(Data items)
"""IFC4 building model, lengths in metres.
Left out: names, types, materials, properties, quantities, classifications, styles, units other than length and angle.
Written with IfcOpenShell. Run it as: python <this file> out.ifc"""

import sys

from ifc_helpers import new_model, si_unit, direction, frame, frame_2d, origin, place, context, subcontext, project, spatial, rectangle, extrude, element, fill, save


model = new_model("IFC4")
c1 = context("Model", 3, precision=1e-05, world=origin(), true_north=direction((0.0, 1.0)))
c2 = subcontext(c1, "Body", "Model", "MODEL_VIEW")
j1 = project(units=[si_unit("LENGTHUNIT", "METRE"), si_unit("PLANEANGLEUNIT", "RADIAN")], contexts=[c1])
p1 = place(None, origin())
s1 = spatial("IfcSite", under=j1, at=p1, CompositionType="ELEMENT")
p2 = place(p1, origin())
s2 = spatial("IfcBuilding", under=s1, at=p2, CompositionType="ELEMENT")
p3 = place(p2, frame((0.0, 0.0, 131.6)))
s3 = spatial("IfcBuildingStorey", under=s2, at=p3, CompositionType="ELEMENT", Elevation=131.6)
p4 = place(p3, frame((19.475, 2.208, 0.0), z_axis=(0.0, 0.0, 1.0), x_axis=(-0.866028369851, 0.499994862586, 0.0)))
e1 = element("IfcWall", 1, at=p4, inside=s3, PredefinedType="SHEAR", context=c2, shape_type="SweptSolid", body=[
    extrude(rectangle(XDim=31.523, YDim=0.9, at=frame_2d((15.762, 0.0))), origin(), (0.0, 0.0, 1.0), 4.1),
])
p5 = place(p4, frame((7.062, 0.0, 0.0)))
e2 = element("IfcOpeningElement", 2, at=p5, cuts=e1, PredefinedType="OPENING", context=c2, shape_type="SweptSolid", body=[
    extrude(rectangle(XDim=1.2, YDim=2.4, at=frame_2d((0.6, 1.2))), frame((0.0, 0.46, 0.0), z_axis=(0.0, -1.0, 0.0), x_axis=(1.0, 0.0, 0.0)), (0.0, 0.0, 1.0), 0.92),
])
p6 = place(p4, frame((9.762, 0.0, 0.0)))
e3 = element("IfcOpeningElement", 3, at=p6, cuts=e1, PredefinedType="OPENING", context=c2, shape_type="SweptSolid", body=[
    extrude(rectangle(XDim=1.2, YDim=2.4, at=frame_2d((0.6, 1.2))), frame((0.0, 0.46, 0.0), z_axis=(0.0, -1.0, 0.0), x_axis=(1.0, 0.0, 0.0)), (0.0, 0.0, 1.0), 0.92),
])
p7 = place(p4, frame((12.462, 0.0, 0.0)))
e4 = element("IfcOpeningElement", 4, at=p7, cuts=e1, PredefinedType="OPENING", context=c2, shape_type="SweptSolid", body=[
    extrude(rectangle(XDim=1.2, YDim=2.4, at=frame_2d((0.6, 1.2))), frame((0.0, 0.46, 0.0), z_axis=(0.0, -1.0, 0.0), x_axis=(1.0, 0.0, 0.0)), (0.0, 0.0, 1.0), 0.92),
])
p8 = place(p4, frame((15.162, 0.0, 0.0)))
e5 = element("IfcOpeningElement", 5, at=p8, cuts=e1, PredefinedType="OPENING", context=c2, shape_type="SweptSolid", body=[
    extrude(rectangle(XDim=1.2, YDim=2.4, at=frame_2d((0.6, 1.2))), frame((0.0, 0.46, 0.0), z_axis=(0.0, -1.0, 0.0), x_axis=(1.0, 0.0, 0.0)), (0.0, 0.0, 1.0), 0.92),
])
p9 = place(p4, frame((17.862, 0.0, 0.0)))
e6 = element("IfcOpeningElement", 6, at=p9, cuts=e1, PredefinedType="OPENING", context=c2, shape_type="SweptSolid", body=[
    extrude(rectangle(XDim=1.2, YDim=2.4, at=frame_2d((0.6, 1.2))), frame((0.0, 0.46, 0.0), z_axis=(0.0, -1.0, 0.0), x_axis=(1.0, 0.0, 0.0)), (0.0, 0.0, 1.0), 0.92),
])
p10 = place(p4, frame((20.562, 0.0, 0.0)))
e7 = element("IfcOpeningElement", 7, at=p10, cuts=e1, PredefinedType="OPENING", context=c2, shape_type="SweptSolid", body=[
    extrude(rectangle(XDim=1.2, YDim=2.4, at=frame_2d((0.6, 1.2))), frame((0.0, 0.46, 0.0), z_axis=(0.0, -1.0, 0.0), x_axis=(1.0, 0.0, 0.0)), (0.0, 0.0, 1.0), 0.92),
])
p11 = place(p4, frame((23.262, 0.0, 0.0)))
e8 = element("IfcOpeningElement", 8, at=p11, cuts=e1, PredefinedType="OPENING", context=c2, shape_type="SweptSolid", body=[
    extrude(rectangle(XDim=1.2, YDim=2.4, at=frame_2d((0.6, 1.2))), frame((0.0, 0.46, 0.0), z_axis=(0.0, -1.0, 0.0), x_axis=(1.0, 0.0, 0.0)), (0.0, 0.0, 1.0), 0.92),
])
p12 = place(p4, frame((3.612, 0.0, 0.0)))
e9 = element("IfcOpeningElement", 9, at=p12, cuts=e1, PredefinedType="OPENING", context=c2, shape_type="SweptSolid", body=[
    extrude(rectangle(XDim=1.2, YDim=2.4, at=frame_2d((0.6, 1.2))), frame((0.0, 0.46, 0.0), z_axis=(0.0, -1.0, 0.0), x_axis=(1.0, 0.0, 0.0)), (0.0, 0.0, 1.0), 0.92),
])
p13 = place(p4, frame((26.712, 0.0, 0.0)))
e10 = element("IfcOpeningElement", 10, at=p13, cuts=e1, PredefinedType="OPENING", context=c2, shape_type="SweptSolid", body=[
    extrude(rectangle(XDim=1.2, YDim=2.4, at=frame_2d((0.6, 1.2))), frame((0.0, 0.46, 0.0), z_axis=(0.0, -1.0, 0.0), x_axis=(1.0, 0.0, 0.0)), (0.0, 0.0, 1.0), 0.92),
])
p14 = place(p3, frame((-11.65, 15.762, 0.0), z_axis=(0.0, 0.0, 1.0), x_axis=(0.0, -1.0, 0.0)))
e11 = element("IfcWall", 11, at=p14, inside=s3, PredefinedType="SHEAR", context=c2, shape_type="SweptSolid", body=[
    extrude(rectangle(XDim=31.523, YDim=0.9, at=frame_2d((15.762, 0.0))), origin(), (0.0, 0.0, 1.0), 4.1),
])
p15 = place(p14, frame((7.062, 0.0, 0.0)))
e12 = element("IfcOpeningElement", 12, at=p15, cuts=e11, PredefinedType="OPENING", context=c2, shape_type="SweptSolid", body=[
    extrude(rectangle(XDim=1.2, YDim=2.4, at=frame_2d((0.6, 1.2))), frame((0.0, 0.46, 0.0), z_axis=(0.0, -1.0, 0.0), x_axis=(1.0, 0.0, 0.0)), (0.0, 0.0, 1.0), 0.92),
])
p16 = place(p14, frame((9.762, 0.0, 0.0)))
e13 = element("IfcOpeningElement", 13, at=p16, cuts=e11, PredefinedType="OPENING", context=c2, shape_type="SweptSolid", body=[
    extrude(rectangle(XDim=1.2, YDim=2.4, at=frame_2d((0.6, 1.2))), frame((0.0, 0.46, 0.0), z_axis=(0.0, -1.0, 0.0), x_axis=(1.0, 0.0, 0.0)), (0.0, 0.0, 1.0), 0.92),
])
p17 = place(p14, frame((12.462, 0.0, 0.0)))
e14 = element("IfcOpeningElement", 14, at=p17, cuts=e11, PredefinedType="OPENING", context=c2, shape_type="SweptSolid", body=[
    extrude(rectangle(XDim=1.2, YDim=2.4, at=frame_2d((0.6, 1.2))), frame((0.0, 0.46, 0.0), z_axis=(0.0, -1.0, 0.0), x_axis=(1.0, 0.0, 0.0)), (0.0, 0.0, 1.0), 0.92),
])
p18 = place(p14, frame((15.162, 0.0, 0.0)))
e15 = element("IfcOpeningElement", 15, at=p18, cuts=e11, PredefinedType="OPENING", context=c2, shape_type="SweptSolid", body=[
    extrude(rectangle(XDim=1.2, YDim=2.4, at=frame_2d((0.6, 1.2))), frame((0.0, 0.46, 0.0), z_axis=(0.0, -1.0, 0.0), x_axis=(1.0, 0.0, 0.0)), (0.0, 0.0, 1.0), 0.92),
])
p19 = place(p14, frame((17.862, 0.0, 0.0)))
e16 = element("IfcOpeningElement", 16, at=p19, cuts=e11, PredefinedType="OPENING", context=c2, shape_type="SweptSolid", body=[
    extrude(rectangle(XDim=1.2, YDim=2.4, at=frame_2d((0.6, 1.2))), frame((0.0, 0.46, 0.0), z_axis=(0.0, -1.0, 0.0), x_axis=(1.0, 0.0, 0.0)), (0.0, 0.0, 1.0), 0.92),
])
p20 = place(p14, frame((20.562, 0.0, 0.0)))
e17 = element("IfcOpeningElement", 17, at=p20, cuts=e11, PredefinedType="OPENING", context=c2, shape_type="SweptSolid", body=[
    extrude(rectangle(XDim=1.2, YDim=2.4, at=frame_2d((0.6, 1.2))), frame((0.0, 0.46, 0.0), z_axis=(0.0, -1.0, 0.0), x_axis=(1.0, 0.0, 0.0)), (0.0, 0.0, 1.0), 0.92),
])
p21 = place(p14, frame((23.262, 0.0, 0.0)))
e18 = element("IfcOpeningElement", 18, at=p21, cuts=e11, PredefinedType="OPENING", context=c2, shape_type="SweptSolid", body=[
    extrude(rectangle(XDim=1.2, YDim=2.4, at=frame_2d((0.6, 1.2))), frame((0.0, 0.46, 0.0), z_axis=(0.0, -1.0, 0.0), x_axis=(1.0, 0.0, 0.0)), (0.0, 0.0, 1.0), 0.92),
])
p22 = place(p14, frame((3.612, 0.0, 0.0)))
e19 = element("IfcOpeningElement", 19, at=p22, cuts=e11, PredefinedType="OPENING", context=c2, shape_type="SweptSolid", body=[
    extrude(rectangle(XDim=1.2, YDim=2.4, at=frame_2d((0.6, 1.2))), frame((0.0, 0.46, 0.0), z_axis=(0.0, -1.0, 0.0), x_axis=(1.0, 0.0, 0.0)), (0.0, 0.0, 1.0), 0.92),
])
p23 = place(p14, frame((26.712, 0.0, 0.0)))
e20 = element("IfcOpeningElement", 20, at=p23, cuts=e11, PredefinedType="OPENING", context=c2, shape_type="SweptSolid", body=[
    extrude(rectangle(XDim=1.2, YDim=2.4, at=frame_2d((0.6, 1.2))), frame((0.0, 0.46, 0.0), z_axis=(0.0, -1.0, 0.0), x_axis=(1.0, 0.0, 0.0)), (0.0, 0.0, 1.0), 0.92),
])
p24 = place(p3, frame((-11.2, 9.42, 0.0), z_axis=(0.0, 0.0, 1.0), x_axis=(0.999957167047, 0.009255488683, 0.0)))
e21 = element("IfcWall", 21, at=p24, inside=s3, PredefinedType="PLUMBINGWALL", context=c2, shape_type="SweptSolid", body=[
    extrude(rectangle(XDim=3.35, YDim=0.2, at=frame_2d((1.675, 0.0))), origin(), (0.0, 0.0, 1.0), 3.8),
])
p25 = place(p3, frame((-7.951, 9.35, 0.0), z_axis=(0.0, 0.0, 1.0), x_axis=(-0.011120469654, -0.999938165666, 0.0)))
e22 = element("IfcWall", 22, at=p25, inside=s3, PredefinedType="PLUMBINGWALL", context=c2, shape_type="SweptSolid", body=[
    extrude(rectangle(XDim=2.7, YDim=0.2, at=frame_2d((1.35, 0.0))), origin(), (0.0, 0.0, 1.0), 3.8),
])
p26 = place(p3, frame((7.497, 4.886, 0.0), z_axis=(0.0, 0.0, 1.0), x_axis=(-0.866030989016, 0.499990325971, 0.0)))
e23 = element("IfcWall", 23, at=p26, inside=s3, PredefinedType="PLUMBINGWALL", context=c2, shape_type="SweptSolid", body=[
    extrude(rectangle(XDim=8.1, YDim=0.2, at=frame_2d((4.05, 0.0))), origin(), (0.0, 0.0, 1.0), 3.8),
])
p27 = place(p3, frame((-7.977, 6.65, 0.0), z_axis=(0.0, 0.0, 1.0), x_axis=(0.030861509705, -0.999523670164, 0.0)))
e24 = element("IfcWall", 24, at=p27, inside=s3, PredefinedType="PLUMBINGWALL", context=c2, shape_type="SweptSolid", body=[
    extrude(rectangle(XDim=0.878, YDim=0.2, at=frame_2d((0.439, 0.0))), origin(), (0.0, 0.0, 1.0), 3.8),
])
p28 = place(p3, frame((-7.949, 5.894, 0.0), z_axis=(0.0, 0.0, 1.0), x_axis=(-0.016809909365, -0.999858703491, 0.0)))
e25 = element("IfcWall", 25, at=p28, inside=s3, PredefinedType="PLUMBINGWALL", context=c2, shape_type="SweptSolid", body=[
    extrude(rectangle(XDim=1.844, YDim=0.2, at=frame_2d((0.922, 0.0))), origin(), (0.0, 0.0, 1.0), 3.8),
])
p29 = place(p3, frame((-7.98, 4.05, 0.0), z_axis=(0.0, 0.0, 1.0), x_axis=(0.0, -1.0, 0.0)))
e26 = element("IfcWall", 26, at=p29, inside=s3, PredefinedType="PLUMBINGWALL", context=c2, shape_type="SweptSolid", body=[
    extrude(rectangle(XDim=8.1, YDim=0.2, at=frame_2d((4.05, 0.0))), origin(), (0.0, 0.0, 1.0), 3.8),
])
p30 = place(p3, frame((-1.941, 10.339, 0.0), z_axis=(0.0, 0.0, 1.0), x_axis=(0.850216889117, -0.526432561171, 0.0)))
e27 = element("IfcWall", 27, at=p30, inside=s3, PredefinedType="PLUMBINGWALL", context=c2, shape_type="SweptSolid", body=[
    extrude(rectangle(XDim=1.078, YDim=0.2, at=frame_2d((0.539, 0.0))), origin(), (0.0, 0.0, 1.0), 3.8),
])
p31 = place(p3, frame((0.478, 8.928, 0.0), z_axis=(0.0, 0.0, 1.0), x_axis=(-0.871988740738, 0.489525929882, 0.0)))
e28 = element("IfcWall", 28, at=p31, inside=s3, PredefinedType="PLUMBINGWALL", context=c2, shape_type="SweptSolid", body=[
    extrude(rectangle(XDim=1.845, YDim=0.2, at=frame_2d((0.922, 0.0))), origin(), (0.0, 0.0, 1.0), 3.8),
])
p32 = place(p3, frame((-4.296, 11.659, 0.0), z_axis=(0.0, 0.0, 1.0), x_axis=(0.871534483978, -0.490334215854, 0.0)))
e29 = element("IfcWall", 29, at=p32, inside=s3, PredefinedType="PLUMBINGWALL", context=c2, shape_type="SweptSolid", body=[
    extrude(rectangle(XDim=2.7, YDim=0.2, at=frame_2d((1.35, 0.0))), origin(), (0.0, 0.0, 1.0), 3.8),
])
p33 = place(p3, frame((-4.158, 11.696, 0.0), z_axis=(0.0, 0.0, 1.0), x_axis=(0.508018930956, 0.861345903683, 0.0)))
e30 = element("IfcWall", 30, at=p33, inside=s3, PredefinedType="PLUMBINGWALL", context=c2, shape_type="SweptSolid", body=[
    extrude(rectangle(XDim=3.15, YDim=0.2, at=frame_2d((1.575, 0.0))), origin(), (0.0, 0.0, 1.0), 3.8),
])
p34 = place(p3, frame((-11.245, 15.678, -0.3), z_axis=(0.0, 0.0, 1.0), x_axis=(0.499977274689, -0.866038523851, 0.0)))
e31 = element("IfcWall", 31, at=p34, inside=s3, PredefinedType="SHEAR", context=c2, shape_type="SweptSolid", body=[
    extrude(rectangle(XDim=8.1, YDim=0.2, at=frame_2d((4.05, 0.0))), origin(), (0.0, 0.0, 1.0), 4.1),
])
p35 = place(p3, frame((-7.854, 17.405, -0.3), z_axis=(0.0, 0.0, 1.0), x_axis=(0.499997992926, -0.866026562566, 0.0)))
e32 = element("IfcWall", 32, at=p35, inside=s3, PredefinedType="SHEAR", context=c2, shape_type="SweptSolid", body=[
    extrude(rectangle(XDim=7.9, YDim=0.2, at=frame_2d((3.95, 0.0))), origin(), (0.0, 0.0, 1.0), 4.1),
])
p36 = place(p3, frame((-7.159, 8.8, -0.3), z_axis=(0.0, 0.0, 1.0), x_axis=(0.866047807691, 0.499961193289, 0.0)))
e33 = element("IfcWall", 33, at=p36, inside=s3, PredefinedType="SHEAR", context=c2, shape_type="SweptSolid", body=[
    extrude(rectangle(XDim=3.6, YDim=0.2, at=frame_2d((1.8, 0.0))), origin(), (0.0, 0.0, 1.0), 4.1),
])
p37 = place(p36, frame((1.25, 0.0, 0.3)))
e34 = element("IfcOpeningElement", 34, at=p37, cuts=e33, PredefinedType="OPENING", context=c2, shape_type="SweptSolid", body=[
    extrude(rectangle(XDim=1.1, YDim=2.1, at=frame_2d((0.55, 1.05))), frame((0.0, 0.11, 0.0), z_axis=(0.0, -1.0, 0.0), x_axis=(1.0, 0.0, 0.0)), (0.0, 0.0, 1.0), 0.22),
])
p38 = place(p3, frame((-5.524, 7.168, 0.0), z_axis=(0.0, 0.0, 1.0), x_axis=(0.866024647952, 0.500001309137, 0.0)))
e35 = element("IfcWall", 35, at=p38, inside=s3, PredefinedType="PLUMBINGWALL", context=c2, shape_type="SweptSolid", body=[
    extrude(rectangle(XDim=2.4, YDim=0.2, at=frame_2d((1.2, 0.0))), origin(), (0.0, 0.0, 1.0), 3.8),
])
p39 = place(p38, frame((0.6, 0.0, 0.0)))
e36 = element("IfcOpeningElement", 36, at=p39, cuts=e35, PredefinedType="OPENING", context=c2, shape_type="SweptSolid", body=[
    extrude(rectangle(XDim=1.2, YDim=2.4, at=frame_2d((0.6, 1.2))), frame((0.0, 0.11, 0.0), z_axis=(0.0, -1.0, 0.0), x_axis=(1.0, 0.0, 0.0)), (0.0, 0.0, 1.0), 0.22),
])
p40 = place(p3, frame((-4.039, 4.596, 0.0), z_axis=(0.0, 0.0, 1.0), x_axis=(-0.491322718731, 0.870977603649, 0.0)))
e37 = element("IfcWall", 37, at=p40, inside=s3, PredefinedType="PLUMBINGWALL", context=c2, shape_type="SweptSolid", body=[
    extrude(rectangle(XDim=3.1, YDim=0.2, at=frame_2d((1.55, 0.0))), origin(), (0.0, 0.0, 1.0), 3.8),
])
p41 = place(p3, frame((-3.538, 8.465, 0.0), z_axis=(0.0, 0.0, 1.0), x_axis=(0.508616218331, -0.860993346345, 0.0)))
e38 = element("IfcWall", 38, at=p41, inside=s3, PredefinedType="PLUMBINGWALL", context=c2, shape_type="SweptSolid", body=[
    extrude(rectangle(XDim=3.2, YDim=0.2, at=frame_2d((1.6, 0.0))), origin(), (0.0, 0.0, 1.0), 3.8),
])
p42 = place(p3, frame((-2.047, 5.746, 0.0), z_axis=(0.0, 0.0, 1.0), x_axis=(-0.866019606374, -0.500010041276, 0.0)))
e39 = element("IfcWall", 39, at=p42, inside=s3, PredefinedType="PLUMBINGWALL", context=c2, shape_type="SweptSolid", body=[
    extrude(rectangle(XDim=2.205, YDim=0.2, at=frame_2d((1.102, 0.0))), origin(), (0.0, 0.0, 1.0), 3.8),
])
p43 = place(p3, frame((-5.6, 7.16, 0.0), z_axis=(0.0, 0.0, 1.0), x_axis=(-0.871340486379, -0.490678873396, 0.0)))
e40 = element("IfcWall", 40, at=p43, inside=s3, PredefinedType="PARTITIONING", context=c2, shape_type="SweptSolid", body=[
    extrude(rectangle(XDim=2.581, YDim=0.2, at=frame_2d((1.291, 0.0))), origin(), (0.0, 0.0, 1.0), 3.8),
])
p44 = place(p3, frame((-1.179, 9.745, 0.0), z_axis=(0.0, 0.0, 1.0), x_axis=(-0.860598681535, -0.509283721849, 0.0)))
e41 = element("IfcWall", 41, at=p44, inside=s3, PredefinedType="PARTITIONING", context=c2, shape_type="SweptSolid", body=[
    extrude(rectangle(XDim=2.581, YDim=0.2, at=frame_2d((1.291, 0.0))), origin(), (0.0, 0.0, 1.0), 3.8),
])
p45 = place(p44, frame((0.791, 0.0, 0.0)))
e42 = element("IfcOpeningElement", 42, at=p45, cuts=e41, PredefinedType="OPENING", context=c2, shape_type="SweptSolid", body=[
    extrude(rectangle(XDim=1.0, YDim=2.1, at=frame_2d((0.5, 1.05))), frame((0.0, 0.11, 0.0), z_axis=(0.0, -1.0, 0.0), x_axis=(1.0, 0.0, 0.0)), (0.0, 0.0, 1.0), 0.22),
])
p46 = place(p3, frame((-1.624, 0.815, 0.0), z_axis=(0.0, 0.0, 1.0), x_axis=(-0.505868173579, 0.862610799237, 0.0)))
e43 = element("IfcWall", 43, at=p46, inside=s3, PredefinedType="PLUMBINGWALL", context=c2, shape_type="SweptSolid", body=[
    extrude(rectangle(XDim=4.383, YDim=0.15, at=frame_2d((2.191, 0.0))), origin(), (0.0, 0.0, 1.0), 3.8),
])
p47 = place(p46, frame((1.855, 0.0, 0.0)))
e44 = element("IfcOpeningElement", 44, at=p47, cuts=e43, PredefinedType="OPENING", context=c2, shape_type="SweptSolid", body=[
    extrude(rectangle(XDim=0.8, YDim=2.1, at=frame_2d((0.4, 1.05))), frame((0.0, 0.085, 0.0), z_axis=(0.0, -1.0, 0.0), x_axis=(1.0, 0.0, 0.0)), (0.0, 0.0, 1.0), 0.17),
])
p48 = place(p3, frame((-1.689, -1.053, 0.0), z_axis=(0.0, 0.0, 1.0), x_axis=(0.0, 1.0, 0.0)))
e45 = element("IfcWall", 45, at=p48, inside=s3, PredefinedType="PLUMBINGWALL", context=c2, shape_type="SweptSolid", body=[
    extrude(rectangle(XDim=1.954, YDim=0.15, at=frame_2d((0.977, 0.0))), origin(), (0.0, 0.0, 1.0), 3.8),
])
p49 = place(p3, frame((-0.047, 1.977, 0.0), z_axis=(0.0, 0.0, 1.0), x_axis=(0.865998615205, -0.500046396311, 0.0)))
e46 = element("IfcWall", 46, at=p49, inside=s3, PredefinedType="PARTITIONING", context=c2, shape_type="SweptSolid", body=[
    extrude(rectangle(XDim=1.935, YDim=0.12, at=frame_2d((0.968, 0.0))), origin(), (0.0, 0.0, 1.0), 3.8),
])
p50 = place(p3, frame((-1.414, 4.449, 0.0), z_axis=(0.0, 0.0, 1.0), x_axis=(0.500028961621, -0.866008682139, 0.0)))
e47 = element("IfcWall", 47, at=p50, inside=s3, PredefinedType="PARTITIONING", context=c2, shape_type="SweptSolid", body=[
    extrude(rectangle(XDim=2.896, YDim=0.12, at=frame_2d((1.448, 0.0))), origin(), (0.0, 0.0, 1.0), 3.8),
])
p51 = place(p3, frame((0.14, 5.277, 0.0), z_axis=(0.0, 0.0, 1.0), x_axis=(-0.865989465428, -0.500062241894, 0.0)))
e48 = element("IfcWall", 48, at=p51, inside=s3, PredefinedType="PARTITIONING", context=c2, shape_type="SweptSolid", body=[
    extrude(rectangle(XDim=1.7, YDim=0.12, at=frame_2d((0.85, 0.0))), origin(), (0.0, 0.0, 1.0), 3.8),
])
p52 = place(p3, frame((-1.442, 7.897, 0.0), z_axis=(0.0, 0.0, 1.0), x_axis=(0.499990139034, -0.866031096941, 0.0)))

• **TASK BRIEF**
Look through the entries above, and wherever a line holds the string "units", copy it.

• **WORKED SOLUTION**
Left out: names, types, materials, properties, quantities, classifications, styles, units other than length and angle.
j1 = project(units=[si_unit("LENGTHUNIT", "METRE"), si_unit("PLANEANGLEUNIT", "RADIAN")], contexts=[c1])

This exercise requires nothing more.